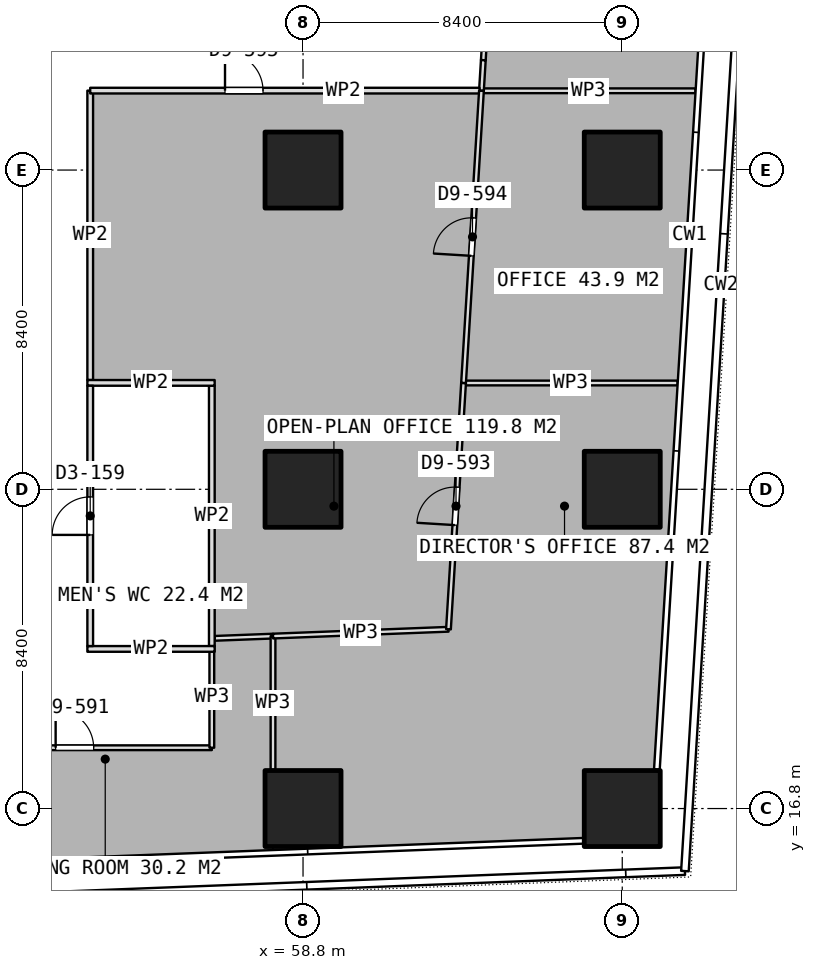
"""IFC4 building model, lengths in metres.
Left out: names, types, materials, properties, quantities, classifications, styles, units other than length and angle.
Written with IfcOpenShell. Run it as: python <this file> out.ifc"""

import sys

from ifc_helpers import new_model, si_unit, direction, frame, frame_2d, origin, origin_2d, place, context, subcontext, project, spatial, rectangle, extrude, element, fill, save


model = new_model("IFC4")
c1 = context("Model", 3, precision=1e-05, world=origin(), true_north=direction((0.0, 1.0)))
c2 = subcontext(c1, "Body", "Model", "MODEL_VIEW")
j1 = project(units=[si_unit("LENGTHUNIT", "METRE"), si_unit("PLANEANGLEUNIT", "RADIAN")], contexts=[c1])
p1 = place(None, origin())
s1 = spatial("IfcSite", under=j1, at=p1, CompositionType="ELEMENT")
p2 = place(p1, origin())
s2 = spatial("IfcBuilding", under=s1, at=p2, CompositionType="ELEMENT")
p3 = place(p2, frame((0.0, 0.0, 147.8)))
s3 = spatial("IfcBuildingStorey", under=s2, at=p3, CompositionType="ELEMENT", Elevation=147.8)
for number, where, z_axis, x_axis in (
    (1, (58.8, 16.8, 0.0), (0.0, 0.0, 1.0), (1.0, 0.0, 0.0)),
    (2, (58.8, 25.2, 0.0), (0.0, 0.0, 1.0), (1.0, 0.0, 0.0)),
    (3, (58.8, 33.6, 0.0), (0.0, 0.0, 1.0), (1.0, 0.0, 0.0)),
    (4, (67.2, 16.8, 0.0), (0.0, 0.0, 1.0), (1.0, 0.0, 0.0)),
    (5, (67.2, 25.2, 0.0), (0.0, 0.0, 1.0), (1.0, 0.0, 0.0)),
    (6, (67.2, 33.6, 0.0), (0.0, 0.0, 1.0), (1.0, 0.0, 0.0)),
):
    element("IfcColumn", number, at=place(p3, frame(where, z_axis=z_axis, x_axis=x_axis)), inside=s3, PredefinedType="COLUMN", context=c2, shape_type="SweptSolid", body=[
        extrude(rectangle(XDim=2.0, YDim=2.0, at=origin_2d()), origin(), (0.0, 0.0, 1.0), 3.75),
    ])
for number, where, z_axis, x_axis in (
    (7, (53.125, 21.0, 0.0), (0.0, 0.0, 1.0), (1.0, 0.0, 0.0)),
    (8, (53.125, 28.0, 0.0), (0.0, 0.0, 1.0), (1.0, 0.0, 0.0)),
):
    element("IfcWall", number, at=place(p3, frame(where, z_axis=z_axis, x_axis=x_axis)), inside=s3, PredefinedType="PARTITIONING", context=c2, shape_type="SweptSolid", body=[
        extrude(rectangle(XDim=3.35, YDim=0.15, at=frame_2d((1.675, 0.0))), origin(), (0.0, 0.0, 1.0), 3.5),
    ])
p4 = place(p3, frame((53.2, 21.075, 0.0), z_axis=(0.0, 0.0, 1.0), x_axis=(0.0, 1.0, 0.0)))
e9 = element("IfcWall", 9, at=p4, inside=s3, PredefinedType="PARTITIONING", context=c2, shape_type="SweptSolid", body=[
    extrude(rectangle(XDim=6.85, YDim=0.15, at=frame_2d((3.425, 0.0))), origin(), (0.0, 0.0, 1.0), 3.5),
])
p5 = place(p4, frame((2.925, 0.0, 0.0)))
e10 = element("IfcOpeningElement", 10, at=p5, cuts=e9, PredefinedType="OPENING", context=c2, shape_type="SweptSolid", body=[
    extrude(rectangle(XDim=1.0, YDim=2.1, at=frame_2d((0.5, 1.05))), frame((0.0, 0.085, 0.0), z_axis=(0.0, -1.0, 0.0), x_axis=(1.0, 0.0, 0.0)), (0.0, 0.0, 1.0), 0.17),
])
p6 = place(p3, frame((56.4, 21.075, 0.0), z_axis=(0.0, 0.0, 1.0), x_axis=(0.0, 1.0, 0.0)))
e11 = element("IfcWall", 11, at=p6, inside=s3, PredefinedType="PARTITIONING", context=c2, shape_type="SweptSolid", body=[
    extrude(rectangle(XDim=6.85, YDim=0.15, at=frame_2d((3.425, 0.0))), origin(), (0.0, 0.0, 1.0), 3.5),
])
p7 = place(p3, frame((56.475, 21.278, 0.0), z_axis=(0.0, 0.0, 1.0), x_axis=(0.999266096652, 0.038304935469, 0.0)))
e12 = element("IfcWall", 12, at=p7, inside=s3, PredefinedType="PARTITIONING", context=c2, shape_type="SweptSolid", body=[
    extrude(rectangle(XDim=1.536, YDim=0.125, at=frame_2d((0.768, 0.0))), origin(), (0.0, 0.0, 1.0), 3.5),
])
p8 = place(p3, frame((58.01, 21.337, 0.0), z_axis=(0.0, 0.0, 1.0), x_axis=(0.0, -1.0, 0.0)))
e13 = element("IfcWall", 13, at=p8, inside=s3, PredefinedType="PARTITIONING", context=c2, shape_type="SweptSolid", body=[
    extrude(rectangle(XDim=3.517, YDim=0.125, at=frame_2d((1.758, 0.0))), origin(), (0.0, 0.0, 1.0), 3.5),
])
p9 = place(p3, frame((49.18, 18.4, 0.0), z_axis=(0.0, 0.0, 1.0), x_axis=(1.0, 0.0, 0.0)))
e14 = element("IfcWall", 14, at=p9, inside=s3, PredefinedType="PARTITIONING", context=c2, shape_type="SweptSolid", body=[
    extrude(rectangle(XDim=7.22, YDim=0.125, at=frame_2d((3.61, 0.0))), origin(), (0.0, 0.0, 1.0), 3.5),
])
p10 = place(p9, frame((3.11, 0.0, 0.0)))
e15 = element("IfcOpeningElement", 15, at=p10, cuts=e14, PredefinedType="OPENING", context=c2, shape_type="SweptSolid", body=[
    extrude(rectangle(XDim=1.0, YDim=2.1, at=frame_2d((0.5, 1.05))), frame((0.0, 0.073, 0.0), z_axis=(0.0, -1.0, 0.0), x_axis=(1.0, 0.0, 0.0)), (0.0, 0.0, 1.0), 0.145),
])
p11 = place(p3, frame((56.4, 18.4, 0.0), z_axis=(0.0, 0.0, 1.0), x_axis=(0.0, 1.0, 0.0)))
e16 = element("IfcWall", 16, at=p11, inside=s3, PredefinedType="PARTITIONING", context=c2, shape_type="SweptSolid", body=[
    extrude(rectangle(XDim=2.674, YDim=0.125, at=frame_2d((1.337, 0.0))), origin(), (0.0, 0.0, 1.0), 3.5),
])
p12 = place(p3, frame((63.024, 27.997, 0.0), z_axis=(0.0, 0.0, 1.0), x_axis=(1.0, 0.0, 0.0)))
e17 = element("IfcWall", 17, at=p12, inside=s3, PredefinedType="PARTITIONING", context=c2, shape_type="SweptSolid", body=[
    extrude(rectangle(XDim=5.631, YDim=0.125, at=frame_2d((2.815, 0.0))), origin(), (0.0, 0.0, 1.0), 3.5),
])
p13 = place(p3, frame((58.011, 21.338, 0.0), z_axis=(0.0, 0.0, 1.0), x_axis=(0.999247292376, 0.038792379151, 0.0)))
e18 = element("IfcWall", 18, at=p13, inside=s3, PredefinedType="PARTITIONING", context=c2, shape_type="SweptSolid", body=[
    extrude(rectangle(XDim=4.619, YDim=0.125, at=frame_2d((2.31, 0.0))), origin(), (0.0, 0.0, 1.0), 3.5),
])
p14 = place(p3, frame((62.627, 21.517, 0.0), z_axis=(0.0, 0.0, 1.0), x_axis=(0.061146763842, 0.998128785915, 0.0)))
e19 = element("IfcWall", 19, at=p14, inside=s3, PredefinedType="PARTITIONING", context=c2, shape_type="SweptSolid", body=[
    extrude(rectangle(XDim=6.492, YDim=0.125, at=frame_2d((3.246, 0.0))), origin(), (0.0, 0.0, 1.0), 3.5),
])
p15 = place(p14, frame((2.746, 0.0, 0.0)))
e20 = element("IfcOpeningElement", 20, at=p15, cuts=e19, PredefinedType="OPENING", context=c2, shape_type="SweptSolid", body=[
    extrude(rectangle(XDim=1.0, YDim=2.1, at=frame_2d((0.5, 1.05))), frame((0.0, 0.073, 0.0), z_axis=(0.0, -1.0, 0.0), x_axis=(1.0, 0.0, 0.0)), (0.0, 0.0, 1.0), 0.145),
])
p16 = place(p3, frame((63.024, 27.998, 0.0), z_axis=(0.0, 0.0, 1.0), x_axis=(0.061174508596, 0.998127085845, 0.0)))
e21 = element("IfcWall", 21, at=p16, inside=s3, PredefinedType="PARTITIONING", context=c2, shape_type="SweptSolid", body=[
    extrude(rectangle(XDim=7.702, YDim=0.125, at=frame_2d((3.851, 0.0))), origin(), (0.0, 0.0, 1.0), 3.5),
])
p17 = place(p16, frame((3.351, 0.0, 0.0)))
e22 = element("IfcOpeningElement", 22, at=p17, cuts=e21, PredefinedType="OPENING", context=c2, shape_type="SweptSolid", body=[
    extrude(rectangle(XDim=1.0, YDim=2.1, at=frame_2d((0.5, 1.05))), frame((0.0, 0.073, 0.0), z_axis=(0.0, -1.0, 0.0), x_axis=(1.0, 0.0, 0.0)), (0.0, 0.0, 1.0), 0.145),
])
p18 = place(p3, frame((63.495, 35.686, 0.0), z_axis=(0.0, 0.0, 1.0), x_axis=(1.0, 0.0, 0.0)))
e23 = element("IfcWall", 23, at=p18, inside=s3, PredefinedType="PARTITIONING", context=c2, shape_type="SweptSolid", body=[
    extrude(rectangle(XDim=5.631, YDim=0.125, at=frame_2d((2.815, 0.0))), origin(), (0.0, 0.0, 1.0), 3.5),
])
p19 = place(p3, frame((63.544, 36.491, 0.0), z_axis=(0.0, 0.0, 1.0), x_axis=(0.061131923864, 0.998129694922, 0.0)))
e24 = element("IfcWall", 24, at=p19, inside=s3, PredefinedType="PARTITIONING", context=c2, shape_type="SweptSolid", body=[
    extrude(rectangle(XDim=9.537, YDim=0.125, at=frame_2d((4.769, 0.0))), origin(), (0.0, 0.0, 1.0), 3.5),
])
p20 = place(p19, frame((4.265, 0.0, 0.0)))
e25 = element("IfcOpeningElement", 25, at=p20, cuts=e24, PredefinedType="OPENING", context=c2, shape_type="SweptSolid", body=[
    extrude(rectangle(XDim=1.0, YDim=2.1, at=frame_2d((0.5, 1.05))), frame((0.0, 0.073, 0.0), z_axis=(0.0, -1.0, 0.0), x_axis=(1.0, 0.0, 0.0)), (0.0, 0.0, 1.0), 0.145),
])
p21 = place(p3, frame((63.495, 35.687, 0.0), z_axis=(0.0, 0.0, 1.0), x_axis=(0.060623183924, 0.998160723316, 0.0)))
e26 = element("IfcWall", 26, at=p21, inside=s3, PredefinedType="PARTITIONING", context=c2, shape_type="SweptSolid", body=[
    extrude(rectangle(XDim=0.805, YDim=0.125, at=frame_2d((0.403, 0.0))), origin(), (0.0, 0.0, 1.0), 3.5),
])
p22 = place(p3, frame((53.2, 28.075, 0.0), z_axis=(0.0, 0.0, 1.0), x_axis=(0.0, 1.0, 0.0)))
e27 = element("IfcWall", 27, at=p22, inside=s3, PredefinedType="PARTITIONING", context=c2, shape_type="SweptSolid", body=[
    extrude(rectangle(XDim=7.615, YDim=0.15, at=frame_2d((3.808, 0.0))), origin(), (0.0, 0.0, 1.0), 3.5),
])
p23 = place(p3, frame((53.2, 35.69, 0.0), z_axis=(0.0, 0.0, 1.0), x_axis=(1.0, 0.0, 0.0)))
e28 = element("IfcWall", 28, at=p23, inside=s3, PredefinedType="PARTITIONING", context=c2, shape_type="SweptSolid", body=[
    extrude(rectangle(XDim=10.246, YDim=0.15, at=frame_2d((5.123, 0.0))), origin(), (0.0, 0.0, 1.0), 3.5),
])
p24 = place(p23, frame((3.547, 0.0, 0.0)))
e29 = element("IfcOpeningElement", 29, at=p24, cuts=e28, PredefinedType="OPENING", context=c2, shape_type="SweptSolid", body=[
    extrude(rectangle(XDim=1.0, YDim=2.1, at=frame_2d((0.5, 1.05))), frame((0.0, 0.085, 0.0), z_axis=(0.0, -1.0, 0.0), x_axis=(1.0, 0.0, 0.0)), (0.0, 0.0, 1.0), 0.17),
])
p25 = place(p5, origin())
e30 = element("IfcDoor", 30, at=p25, inside=s3, OperationType="SINGLE_SWING_LEFT", PredefinedType="DOOR", context=c2, shape_type="SweptSolid", body=[
    extrude(rectangle(XDim=1.0, YDim=2.1, at=frame_2d((0.5, 1.05))), frame((0.0, 0.025, 0.0), z_axis=(0.0, -1.0, 0.0), x_axis=(1.0, 0.0, 0.0)), (0.0, 0.0, 1.0), 0.05),
])
fill(e10, e30)
p26 = place(p10, origin())
e31 = element("IfcDoor", 31, at=p26, inside=s3, OperationType="SINGLE_SWING_LEFT", PredefinedType="DOOR", context=c2, shape_type="SweptSolid", body=[
    extrude(rectangle(XDim=1.0, YDim=2.1, at=frame_2d((0.5, 1.05))), frame((0.0, 0.025, 0.0), z_axis=(0.0, -1.0, 0.0), x_axis=(1.0, 0.0, 0.0)), (0.0, 0.0, 1.0), 0.05),
])
fill(e15, e31)
p27 = place(p15, origin())
e32 = element("IfcDoor", 32, at=p27, inside=s3, OperationType="SINGLE_SWING_LEFT", PredefinedType="DOOR", context=c2, shape_type="SweptSolid", body=[
    extrude(rectangle(XDim=1.0, YDim=2.1, at=frame_2d((0.5, 1.05))), frame((0.0, 0.025, 0.0), z_axis=(0.0, -1.0, 0.0), x_axis=(1.0, 0.0, 0.0)), (0.0, 0.0, 1.0), 0.05),
])
fill(e20, e32)
p28 = place(p17, origin())
e33 = element("IfcDoor", 33, at=p28, inside=s3, OperationType="SINGLE_SWING_LEFT", PredefinedType="DOOR", context=c2, shape_type="SweptSolid", body=[
    extrude(rectangle(XDim=1.0, YDim=2.1, at=frame_2d((0.5, 1.05))), frame((0.0, 0.025, 0.0), z_axis=(0.0, -1.0, 0.0), x_axis=(1.0, 0.0, 0.0)), (0.0, 0.0, 1.0), 0.05),
])
fill(e22, e33)
p29 = place(p24, origin())
e34 = element("IfcDoor", 34, at=p29, inside=s3, OperationType="SINGLE_SWING_LEFT", PredefinedType="DOOR", context=c2, shape_type="SweptSolid", body=[
    extrude(rectangle(XDim=1.0, YDim=2.1, at=frame_2d((0.5, 1.05))), frame((0.0, 0.025, 0.0), z_axis=(0.0, -1.0, 0.0), x_axis=(1.0, 0.0, 0.0)), (0.0, 0.0, 1.0), 0.05),
])
fill(e29, e34)
save(model, sys.argv[1])

# Instructions to follow
Copy out, from the records above, every line that holds the string "direction".

# Exercise solution
from ifc_helpers import new_model, si_unit, direction, frame, frame_2d, origin, origin_2d, place, context, subcontext, project, spatial, rectangle, extrude, element, fill, save
c1 = context("Model", 3, precision=1e-05, world=origin(), true_north=direction((0.0, 1.0)))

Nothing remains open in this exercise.